═════ Data provided ═════

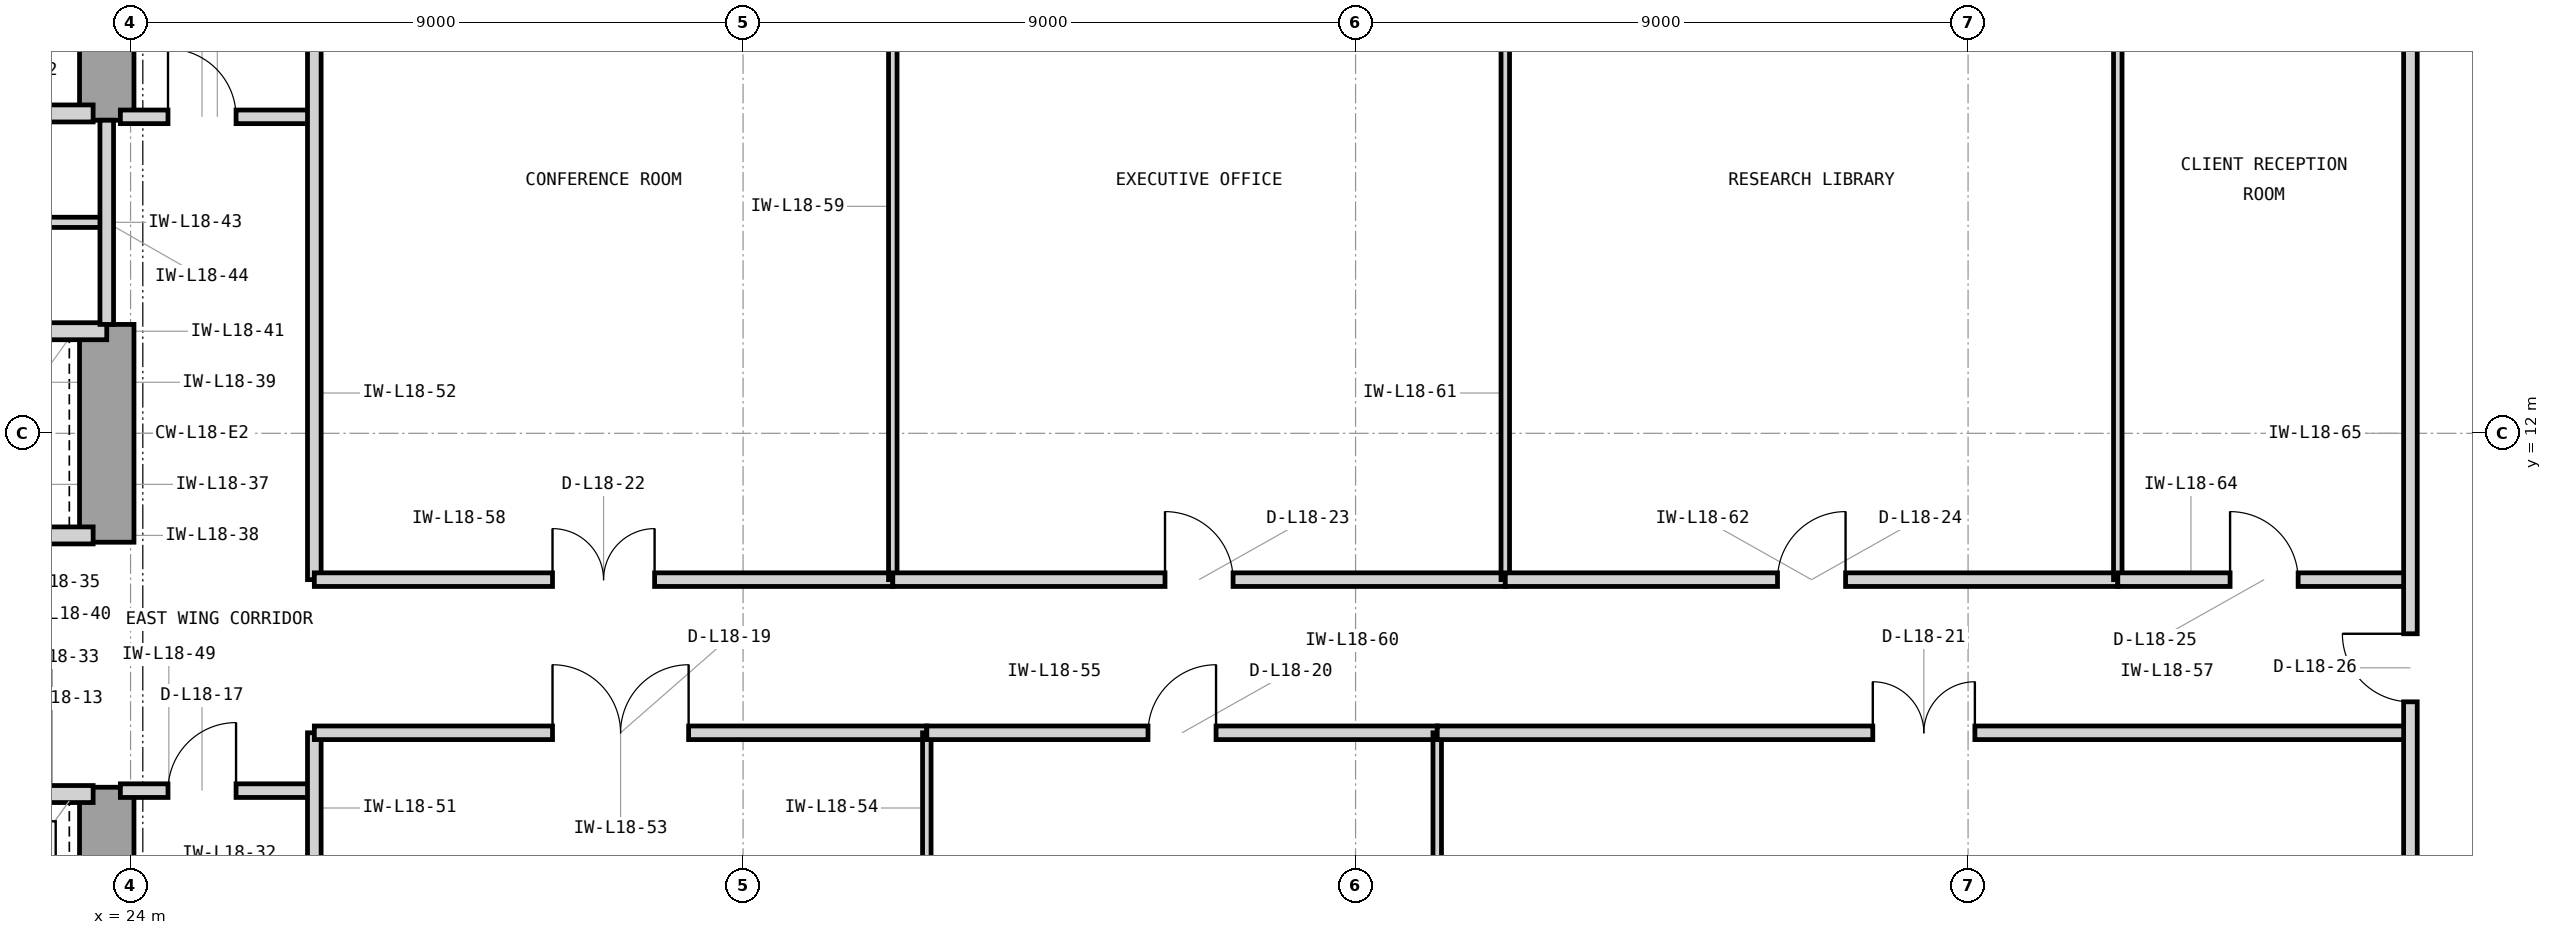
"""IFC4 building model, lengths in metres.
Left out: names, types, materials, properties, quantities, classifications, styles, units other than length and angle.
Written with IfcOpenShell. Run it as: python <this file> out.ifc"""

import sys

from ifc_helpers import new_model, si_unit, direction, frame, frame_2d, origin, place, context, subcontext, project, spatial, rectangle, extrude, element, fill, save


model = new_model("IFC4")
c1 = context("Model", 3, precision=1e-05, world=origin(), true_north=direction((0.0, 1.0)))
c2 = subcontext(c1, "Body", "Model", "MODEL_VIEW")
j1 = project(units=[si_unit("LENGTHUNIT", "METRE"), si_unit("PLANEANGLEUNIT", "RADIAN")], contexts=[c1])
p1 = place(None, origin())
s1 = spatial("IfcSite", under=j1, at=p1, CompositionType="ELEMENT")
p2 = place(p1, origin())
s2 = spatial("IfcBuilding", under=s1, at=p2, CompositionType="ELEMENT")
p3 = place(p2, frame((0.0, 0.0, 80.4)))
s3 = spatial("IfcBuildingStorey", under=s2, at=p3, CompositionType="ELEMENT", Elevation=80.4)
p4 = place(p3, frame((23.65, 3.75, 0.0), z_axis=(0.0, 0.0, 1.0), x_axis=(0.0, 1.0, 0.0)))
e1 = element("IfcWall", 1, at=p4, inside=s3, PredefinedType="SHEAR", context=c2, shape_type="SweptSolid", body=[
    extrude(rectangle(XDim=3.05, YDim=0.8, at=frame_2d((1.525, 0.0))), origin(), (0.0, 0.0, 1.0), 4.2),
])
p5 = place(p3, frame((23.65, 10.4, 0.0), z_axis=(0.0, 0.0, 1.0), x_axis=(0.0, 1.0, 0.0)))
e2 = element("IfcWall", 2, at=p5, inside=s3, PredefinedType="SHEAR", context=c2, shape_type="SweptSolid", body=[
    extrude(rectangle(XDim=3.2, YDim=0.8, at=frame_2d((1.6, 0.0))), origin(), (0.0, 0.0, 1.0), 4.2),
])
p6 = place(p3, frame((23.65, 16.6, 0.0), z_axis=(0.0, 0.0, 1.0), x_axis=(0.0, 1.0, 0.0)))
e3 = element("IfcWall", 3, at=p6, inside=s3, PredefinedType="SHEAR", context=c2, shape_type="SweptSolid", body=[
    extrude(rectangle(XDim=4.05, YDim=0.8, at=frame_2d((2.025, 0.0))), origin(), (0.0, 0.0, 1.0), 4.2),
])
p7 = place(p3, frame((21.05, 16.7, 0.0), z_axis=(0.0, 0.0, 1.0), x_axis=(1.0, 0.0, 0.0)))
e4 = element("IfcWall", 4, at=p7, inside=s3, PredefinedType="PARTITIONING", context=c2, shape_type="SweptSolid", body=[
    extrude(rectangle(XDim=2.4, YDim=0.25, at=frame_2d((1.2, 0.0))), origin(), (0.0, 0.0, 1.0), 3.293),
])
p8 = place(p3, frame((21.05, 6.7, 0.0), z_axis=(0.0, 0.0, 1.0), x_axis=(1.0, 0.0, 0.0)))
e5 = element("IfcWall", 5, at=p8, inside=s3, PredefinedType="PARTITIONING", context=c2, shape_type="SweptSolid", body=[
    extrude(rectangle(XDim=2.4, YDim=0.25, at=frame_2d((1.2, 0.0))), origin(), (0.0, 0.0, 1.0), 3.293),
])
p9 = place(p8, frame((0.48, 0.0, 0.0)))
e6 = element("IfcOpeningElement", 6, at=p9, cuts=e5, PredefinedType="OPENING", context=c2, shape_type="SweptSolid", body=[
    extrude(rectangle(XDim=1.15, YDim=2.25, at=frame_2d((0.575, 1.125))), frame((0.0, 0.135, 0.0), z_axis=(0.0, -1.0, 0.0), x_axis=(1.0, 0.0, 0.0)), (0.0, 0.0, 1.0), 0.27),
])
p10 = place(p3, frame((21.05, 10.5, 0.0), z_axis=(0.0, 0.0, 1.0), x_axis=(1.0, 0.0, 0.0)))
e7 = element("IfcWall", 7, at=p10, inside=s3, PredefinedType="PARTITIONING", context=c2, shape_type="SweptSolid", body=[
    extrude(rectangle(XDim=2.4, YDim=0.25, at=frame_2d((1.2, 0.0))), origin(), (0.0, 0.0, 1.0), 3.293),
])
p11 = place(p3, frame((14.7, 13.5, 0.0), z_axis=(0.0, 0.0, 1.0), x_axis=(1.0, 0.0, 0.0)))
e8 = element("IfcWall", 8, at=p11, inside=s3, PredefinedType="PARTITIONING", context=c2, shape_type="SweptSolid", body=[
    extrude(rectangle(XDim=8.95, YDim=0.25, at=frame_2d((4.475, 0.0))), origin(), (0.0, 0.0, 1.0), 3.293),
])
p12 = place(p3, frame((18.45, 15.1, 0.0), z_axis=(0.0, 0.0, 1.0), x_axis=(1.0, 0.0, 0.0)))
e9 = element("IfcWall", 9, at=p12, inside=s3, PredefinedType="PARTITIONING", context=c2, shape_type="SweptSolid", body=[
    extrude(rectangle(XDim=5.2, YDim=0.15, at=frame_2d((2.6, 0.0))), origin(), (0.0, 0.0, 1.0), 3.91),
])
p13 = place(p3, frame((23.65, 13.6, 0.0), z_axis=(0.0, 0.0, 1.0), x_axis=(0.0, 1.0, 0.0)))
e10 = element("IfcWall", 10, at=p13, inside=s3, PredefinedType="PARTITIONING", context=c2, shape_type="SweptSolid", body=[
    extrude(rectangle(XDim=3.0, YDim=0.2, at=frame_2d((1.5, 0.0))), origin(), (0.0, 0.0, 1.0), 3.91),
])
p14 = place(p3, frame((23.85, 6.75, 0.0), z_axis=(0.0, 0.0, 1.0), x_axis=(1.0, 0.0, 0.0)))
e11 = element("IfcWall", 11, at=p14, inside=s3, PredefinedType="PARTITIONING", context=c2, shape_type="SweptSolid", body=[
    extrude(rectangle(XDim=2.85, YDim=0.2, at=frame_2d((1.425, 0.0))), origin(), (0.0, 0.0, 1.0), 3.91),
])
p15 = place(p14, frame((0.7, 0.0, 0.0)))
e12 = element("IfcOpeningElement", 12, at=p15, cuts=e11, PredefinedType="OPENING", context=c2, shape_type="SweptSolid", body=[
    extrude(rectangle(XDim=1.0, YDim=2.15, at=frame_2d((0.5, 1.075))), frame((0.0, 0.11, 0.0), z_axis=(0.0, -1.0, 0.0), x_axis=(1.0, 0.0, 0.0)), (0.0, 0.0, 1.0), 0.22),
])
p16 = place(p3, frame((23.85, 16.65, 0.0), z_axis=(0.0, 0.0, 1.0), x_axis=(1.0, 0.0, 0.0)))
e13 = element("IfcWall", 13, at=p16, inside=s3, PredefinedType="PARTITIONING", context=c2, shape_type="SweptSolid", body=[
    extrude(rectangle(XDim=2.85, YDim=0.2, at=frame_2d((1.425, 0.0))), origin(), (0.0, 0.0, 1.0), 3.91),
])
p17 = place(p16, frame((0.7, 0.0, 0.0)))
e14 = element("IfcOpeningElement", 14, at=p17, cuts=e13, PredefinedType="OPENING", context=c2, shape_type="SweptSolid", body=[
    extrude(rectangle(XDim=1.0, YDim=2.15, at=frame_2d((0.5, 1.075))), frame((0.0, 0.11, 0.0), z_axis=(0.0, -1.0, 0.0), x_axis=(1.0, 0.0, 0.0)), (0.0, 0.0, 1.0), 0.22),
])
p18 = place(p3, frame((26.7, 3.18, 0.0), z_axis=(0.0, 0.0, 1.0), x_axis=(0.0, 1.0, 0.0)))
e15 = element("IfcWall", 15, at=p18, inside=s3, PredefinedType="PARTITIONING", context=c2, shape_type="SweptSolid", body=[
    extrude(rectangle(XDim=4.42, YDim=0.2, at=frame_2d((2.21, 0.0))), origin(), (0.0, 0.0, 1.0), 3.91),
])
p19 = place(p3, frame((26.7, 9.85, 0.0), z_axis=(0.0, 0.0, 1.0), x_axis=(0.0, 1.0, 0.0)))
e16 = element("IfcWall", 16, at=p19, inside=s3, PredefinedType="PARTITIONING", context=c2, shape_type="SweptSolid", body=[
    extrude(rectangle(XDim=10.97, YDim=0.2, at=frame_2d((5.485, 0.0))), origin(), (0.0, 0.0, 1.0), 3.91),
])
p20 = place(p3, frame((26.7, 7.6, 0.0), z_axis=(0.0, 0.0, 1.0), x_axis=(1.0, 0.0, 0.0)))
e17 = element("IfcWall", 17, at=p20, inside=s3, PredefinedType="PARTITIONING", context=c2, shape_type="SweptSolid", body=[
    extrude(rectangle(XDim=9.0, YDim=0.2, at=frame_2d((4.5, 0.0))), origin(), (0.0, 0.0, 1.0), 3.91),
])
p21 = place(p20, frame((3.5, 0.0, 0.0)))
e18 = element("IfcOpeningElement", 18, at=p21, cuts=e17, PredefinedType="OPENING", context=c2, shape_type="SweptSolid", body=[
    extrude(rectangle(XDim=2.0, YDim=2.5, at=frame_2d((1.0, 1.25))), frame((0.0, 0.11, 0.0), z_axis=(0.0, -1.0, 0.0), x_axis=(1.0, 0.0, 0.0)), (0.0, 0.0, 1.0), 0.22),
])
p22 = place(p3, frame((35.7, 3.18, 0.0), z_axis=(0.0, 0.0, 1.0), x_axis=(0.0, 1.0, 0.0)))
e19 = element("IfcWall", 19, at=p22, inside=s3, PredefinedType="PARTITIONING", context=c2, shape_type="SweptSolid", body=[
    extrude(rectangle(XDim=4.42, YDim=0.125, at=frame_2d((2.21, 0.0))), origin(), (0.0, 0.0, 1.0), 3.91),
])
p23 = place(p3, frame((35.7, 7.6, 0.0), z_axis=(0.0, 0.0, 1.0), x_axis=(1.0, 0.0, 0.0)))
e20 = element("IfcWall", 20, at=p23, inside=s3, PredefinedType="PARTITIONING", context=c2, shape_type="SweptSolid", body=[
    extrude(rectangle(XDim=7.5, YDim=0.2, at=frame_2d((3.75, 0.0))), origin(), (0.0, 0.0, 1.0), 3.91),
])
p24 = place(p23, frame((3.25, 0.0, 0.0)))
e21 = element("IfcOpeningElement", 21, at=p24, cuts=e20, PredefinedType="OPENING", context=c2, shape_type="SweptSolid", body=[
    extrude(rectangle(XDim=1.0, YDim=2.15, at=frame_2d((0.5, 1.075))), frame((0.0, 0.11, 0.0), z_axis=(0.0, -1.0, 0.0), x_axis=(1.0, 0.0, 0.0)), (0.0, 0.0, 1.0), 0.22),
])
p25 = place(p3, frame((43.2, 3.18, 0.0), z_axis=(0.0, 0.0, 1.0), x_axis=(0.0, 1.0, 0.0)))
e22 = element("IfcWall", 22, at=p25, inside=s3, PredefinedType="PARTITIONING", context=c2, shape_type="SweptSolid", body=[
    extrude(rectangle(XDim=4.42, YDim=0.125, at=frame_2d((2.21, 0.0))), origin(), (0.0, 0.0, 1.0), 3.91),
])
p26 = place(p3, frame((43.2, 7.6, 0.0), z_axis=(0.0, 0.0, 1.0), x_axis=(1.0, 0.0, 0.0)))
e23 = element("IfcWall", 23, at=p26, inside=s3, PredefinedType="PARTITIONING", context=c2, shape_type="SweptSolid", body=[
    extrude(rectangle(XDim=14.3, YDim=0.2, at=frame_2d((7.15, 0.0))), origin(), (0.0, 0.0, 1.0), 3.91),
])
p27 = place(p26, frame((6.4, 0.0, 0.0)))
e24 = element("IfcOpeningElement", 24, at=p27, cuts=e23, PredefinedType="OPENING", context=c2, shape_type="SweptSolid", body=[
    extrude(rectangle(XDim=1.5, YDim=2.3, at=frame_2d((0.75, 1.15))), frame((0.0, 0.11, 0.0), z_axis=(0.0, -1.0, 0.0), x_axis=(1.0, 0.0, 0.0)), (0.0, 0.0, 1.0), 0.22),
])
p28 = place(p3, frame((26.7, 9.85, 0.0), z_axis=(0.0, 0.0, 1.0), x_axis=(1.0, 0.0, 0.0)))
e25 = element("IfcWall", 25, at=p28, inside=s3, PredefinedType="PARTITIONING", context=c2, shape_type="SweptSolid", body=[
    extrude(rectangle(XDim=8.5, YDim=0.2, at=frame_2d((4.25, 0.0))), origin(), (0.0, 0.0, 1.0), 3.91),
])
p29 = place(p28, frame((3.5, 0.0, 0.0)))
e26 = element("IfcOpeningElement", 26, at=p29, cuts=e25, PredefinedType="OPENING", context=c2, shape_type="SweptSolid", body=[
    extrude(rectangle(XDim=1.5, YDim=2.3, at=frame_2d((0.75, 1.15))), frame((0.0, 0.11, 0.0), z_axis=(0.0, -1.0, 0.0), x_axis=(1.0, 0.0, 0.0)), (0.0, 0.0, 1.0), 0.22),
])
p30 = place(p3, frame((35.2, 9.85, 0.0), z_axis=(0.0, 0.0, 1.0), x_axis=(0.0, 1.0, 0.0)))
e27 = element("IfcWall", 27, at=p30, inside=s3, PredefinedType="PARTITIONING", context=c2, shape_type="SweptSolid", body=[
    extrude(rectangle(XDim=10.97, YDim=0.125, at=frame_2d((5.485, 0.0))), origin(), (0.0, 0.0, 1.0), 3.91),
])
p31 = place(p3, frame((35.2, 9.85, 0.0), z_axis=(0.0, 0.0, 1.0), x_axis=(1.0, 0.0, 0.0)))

═════

Work to complete -> If a line comes after the line with "3.75, 0.0), z_axis=(0.0, 0.0, 1.0), x_axis=(0.0, 1.0, 0.0)))", it stays out; print exactly every line from the start of the entries up to and including that line, but no pictures.

Solution ->
"""IFC4 building model, lengths in metres.
Left out: names, types, materials, properties, quantities, classifications, styles, units other than length and angle.
Written with IfcOpenShell. Run it as: python <this file> out.ifc"""

import sys

from ifc_helpers import new_model, si_unit, direction, frame, frame_2d, origin, place, context, subcontext, project, spatial, rectangle, extrude, element, fill, save


model = new_model("IFC4")
c1 = context("Model", 3, precision=1e-05, world=origin(), true_north=direction((0.0, 1.0)))
c2 = subcontext(c1, "Body", "Model", "MODEL_VIEW")
j1 = project(units=[si_unit("LENGTHUNIT", "METRE"), si_unit("PLANEANGLEUNIT", "RADIAN")], contexts=[c1])
p1 = place(None, origin())
s1 = spatial("IfcSite", under=j1, at=p1, CompositionType="ELEMENT")
p2 = place(p1, origin())
s2 = spatial("IfcBuilding", under=s1, at=p2, CompositionType="ELEMENT")
p3 = place(p2, frame((0.0, 0.0, 80.4)))
s3 = spatial("IfcBuildingStorey", under=s2, at=p3, CompositionType="ELEMENT", Elevation=80.4)
p4 = place(p3, frame((23.65, 3.75, 0.0), z_axis=(0.0, 0.0, 1.0), x_axis=(0.0, 1.0, 0.0)))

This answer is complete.